■ EXERCISE OBJECTIVE:
Go through the data below line by line and report how many lines contain "VECTOR", giving only that figure.

■ INPUT DATA:

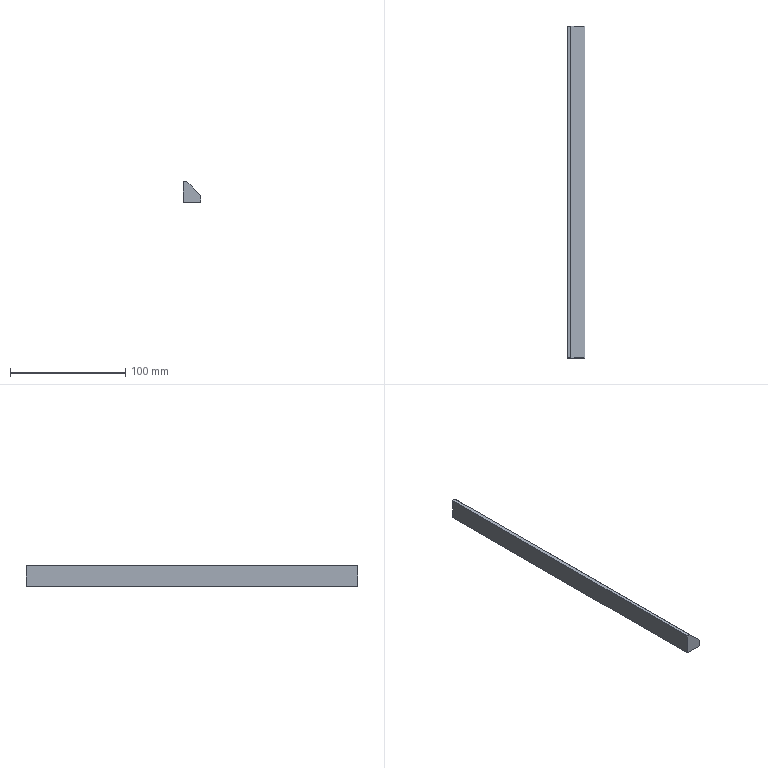Component | SolidWorks | 10-1111-1 | 1 solid | 19 faces | box 15 x 288 x 18 mm | volume 56756 mm3 | plane 7 | cylinder 6 | cone 6 | commonest cylinder face diameters 3.3 x6
build123d program:
from build123d import *

# Parameters (mm, degrees)
SKETCH1_2_W           = 15
SKETCH1_2_H           = 18
BOSS_EXTRUDE1_DEPTH   = 290
CHAMFER1_SIZE         = 12
LPATTERN2_COUNT       = 2
LPATTERN2_PITCH       = 120
LPATTERN2_COL_COUNT   = 2
LPATTERN2_COL_PITCH   = 120
SKETCH1_W             = 20
SKETCH1_H             = 24
TRIM_SEAT_ON_01_DEPTH = 2


with BuildPart() as part:
    # Sketch1_2 → Boss-Extrude1 (new body)
    with BuildSketch(Plane(origin=(0, 0, 0), x_dir=(1, 0, 0), z_dir=(0, 1, 0))):
        Rectangle(SKETCH1_2_W, SKETCH1_2_H)
    extrude(amount=BOSS_EXTRUDE1_DEPTH)

    # Chamfer1
    chamfer1_edges = [part.edges().sort_by_distance(p)[0] for p in [
        (-7.5, 145, 9),
    ]]
    chamfer(chamfer1_edges, length=CHAMFER1_SIZE)

    # Sketch5 → M4 Tapped Hole1 (revolve, cut)
    with BuildSketch(Plane(origin=(0, 145, -9), x_dir=(0, 1, 0), z_dir=(1, 0, 0))):
        Polygon((0, 0), (0, 11.091), (1.65, 10.1), (1.65, 0), align=None)
    m4_tapped_hole1 = revolve(axis=Axis((0, 145, -15.35), (0, 0, 1)), mode=Mode.SUBTRACT)

    # LPattern2: M4 Tapped Hole1 ×2
    with Locations(*[(0, i * LPATTERN2_PITCH, 0) for i in range(1, LPATTERN2_COUNT)]):
        add(m4_tapped_hole1, mode=Mode.SUBTRACT)

    # LPattern2 col: M4 Tapped Hole1 ×2
    with Locations(*[(0, -i * LPATTERN2_COL_PITCH, 0) for i in range(1, LPATTERN2_COL_COUNT)]):
        add(m4_tapped_hole1, mode=Mode.SUBTRACT)

    # Sketch1 → Trim-seat-on-01 (cut, symmetric)
    with BuildSketch(Plane(origin=(0, 290, 0), x_dir=(1, 0, 0), z_dir=(0, 1, 0))):
        Rectangle(SKETCH1_W, SKETCH1_H)
    extrude(amount=TRIM_SEAT_ON_01_DEPTH, both=True, mode=Mode.SUBTRACT)


solid = part.part

# Placed as in the assembly
solid = solid.moved(Location((-128.072, 696.224, 1291.056), (0, 0, 180)))
STEP:
#1=CARTESIAN_POINT('',(-5.107,16.977,50.872));
#2=VERTEX_POINT('',#1);
#3=CARTESIAN_POINT('',(-4.977,16.977,50.872));
#4=VERTEX_POINT('',#3);
#5=CARTESIAN_POINT('',(-5.042,16.977,50.872));
#6=DIRECTION('',(-0.,0.,-1.));
#7=DIRECTION('',(1.,0.,0.));
#8=AXIS2_PLACEMENT_3D('',#5,#6,#7);
#9=CIRCLE('',#8,0.06496);
#10=EDGE_CURVE('',#2,#4,#9,.T.);
#11=ORIENTED_EDGE('',*,*,#10,.F.);
#12=CARTESIAN_POINT('',(-5.107,16.977,50.475));
#13=VERTEX_POINT('',#12);
#14=CARTESIAN_POINT('',(-5.107,16.977,50.475));
#15=DIRECTION('',(-0.,0.,-1.));
#16=VECTOR('',#15,39.37);
#17=LINE('',#14,#16);
#18=EDGE_CURVE('',#2,#13,#17,.T.);
#19=ORIENTED_EDGE('',*,*,#18,.T.);
#20=CARTESIAN_POINT('',(-4.977,16.977,50.475));
#21=VERTEX_POINT('',#20);
#22=CARTESIAN_POINT('',(-5.042,16.977,50.475));
#23=DIRECTION('',(-0.,0.,-1.));
#24=DIRECTION('',(1.,0.,0.));
#25=AXIS2_PLACEMENT_3D('',#22,#23,#24);
#26=CIRCLE('',#25,0.06496);
#27=EDGE_CURVE('',#13,#21,#26,.T.);
#28=ORIENTED_EDGE('',*,*,#27,.T.);
#29=CARTESIAN_POINT('',(-4.977,16.977,50.475));
#30=DIRECTION('',(-0.,0.,-1.));
#31=VECTOR('',#30,39.37);
#32=LINE('',#29,#31);
#33=EDGE_CURVE('',#4,#21,#32,.T.);
#34=ORIENTED_EDGE('',*,*,#33,.F.);
#35=EDGE_LOOP('',(#11,#19,#28,#34));
#36=FACE_OUTER_BOUND('',#35,.T.);
#37=CARTESIAN_POINT('',(-5.042,16.977,50.475));
#38=DIRECTION('',(-0.,0.,-1.));
#39=DIRECTION('',(1.,0.,0.));
#40=AXIS2_PLACEMENT_3D('',#37,#38,#39);
#41=CYLINDRICAL_SURFACE('',#40,0.06496);
#42=ADVANCED_FACE('',(#36),#41,.F.);
#43=CARTESIAN_POINT('',(-5.042,16.977,50.911));
#44=VERTEX_POINT('',#43);
#45=CARTESIAN_POINT('',(-4.977,16.977,50.872));
#46=DIRECTION('',(0.8572,0.,-0.515));
#47=VECTOR('',#46,39.37);
#48=LINE('',#45,#47);
#49=EDGE_CURVE('',#44,#4,#48,.T.);
#50=ORIENTED_EDGE('',*,*,#49,.F.);
#51=CARTESIAN_POINT('',(-5.107,16.977,50.872));
#52=DIRECTION('',(-0.8572,0.,-0.515));
#53=VECTOR('',#52,39.37);
#54=LINE('',#51,#53);
#55=EDGE_CURVE('',#44,#2,#54,.T.);
#56=ORIENTED_EDGE('',*,*,#55,.T.);
#57=ORIENTED_EDGE('',*,*,#10,.T.);
#58=EDGE_LOOP('',(#50,#56,#57));
#59=FACE_OUTER_BOUND('',#58,.T.);
#60=CARTESIAN_POINT('',(-5.042,16.977,50.872));
#61=DIRECTION('',(-0.,0.,-1.));
#62=DIRECTION('',(1.,0.,0.));
#63=AXIS2_PLACEMENT_3D('',#60,#61,#62);
#64=CONICAL_SURFACE('',#63,0.06496,1.03);
#65=ADVANCED_FACE('',(#59),#64,.F.);
#66=CARTESIAN_POINT('',(-5.107,26.426,50.872));
#67=VERTEX_POINT('',#66);
#68=CARTESIAN_POINT('',(-4.977,26.426,50.872));
#69=VERTEX_POINT('',#68);
#70=CARTESIAN_POINT('',(-5.042,26.426,50.872));
#71=DIRECTION('',(-0.,0.,-1.));
#72=DIRECTION('',(1.,0.,0.));
#73=AXIS2_PLACEMENT_3D('',#70,#71,#72);
#74=CIRCLE('',#73,0.06496);
#75=EDGE_CURVE('',#67,#69,#74,.T.);
#76=ORIENTED_EDGE('',*,*,#75,.F.);
#77=CARTESIAN_POINT('',(-5.107,26.426,50.475));
#78=VERTEX_POINT('',#77);
#79=CARTESIAN_POINT('',(-5.107,26.426,50.475));
#80=DIRECTION('',(-0.,0.,-1.));
#81=VECTOR('',#80,39.37);
#82=LINE('',#79,#81);
#83=EDGE_CURVE('',#67,#78,#82,.T.);
#84=ORIENTED_EDGE('',*,*,#83,.T.);
#85=CARTESIAN_POINT('',(-4.977,26.426,50.475));
#86=VERTEX_POINT('',#85);
#87=CARTESIAN_POINT('',(-5.042,26.426,50.475));
#88=DIRECTION('',(-0.,0.,-1.));
#89=DIRECTION('',(1.,0.,0.));
#90=AXIS2_PLACEMENT_3D('',#87,#88,#89);
#91=CIRCLE('',#90,0.06496);
#92=EDGE_CURVE('',#78,#86,#91,.T.);
#93=ORIENTED_EDGE('',*,*,#92,.T.);
#94=CARTESIAN_POINT('',(-4.977,26.426,50.475));
#95=DIRECTION('',(-0.,0.,-1.));
#96=VECTOR('',#95,39.37);
#97=LINE('',#94,#96);
#98=EDGE_CURVE('',#69,#86,#97,.T.);
#99=ORIENTED_EDGE('',*,*,#98,.F.);
#100=EDGE_LOOP('',(#76,#84,#93,#99));
#101=FACE_OUTER_BOUND('',#100,.T.);
#102=CARTESIAN_POINT('',(-5.042,26.426,50.475));
#103=DIRECTION('',(-0.,0.,-1.));
#104=DIRECTION('',(1.,0.,0.));
#105=AXIS2_PLACEMENT_3D('',#102,#103,#104);
#106=CYLINDRICAL_SURFACE('',#105,0.06496);
#107=ADVANCED_FACE('',(#101),#106,.F.);
#108=CARTESIAN_POINT('',(-5.042,26.426,50.911));
#109=VERTEX_POINT('',#108);
#110=CARTESIAN_POINT('',(-4.977,26.426,50.872));
#111=DIRECTION('',(0.8572,0.,-0.515));
#112=VECTOR('',#111,39.37);
#113=LINE('',#110,#112);
#114=EDGE_CURVE('',#109,#69,#113,.T.);
#115=ORIENTED_EDGE('',*,*,#114,.F.);
#116=CARTESIAN_POINT('',(-5.107,26.426,50.872));
#117=DIRECTION('',(-0.8572,0.,-0.515));
#118=VECTOR('',#117,39.37);
#119=LINE('',#116,#118);
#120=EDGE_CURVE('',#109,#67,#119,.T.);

■ EXERCISE RESULT:
8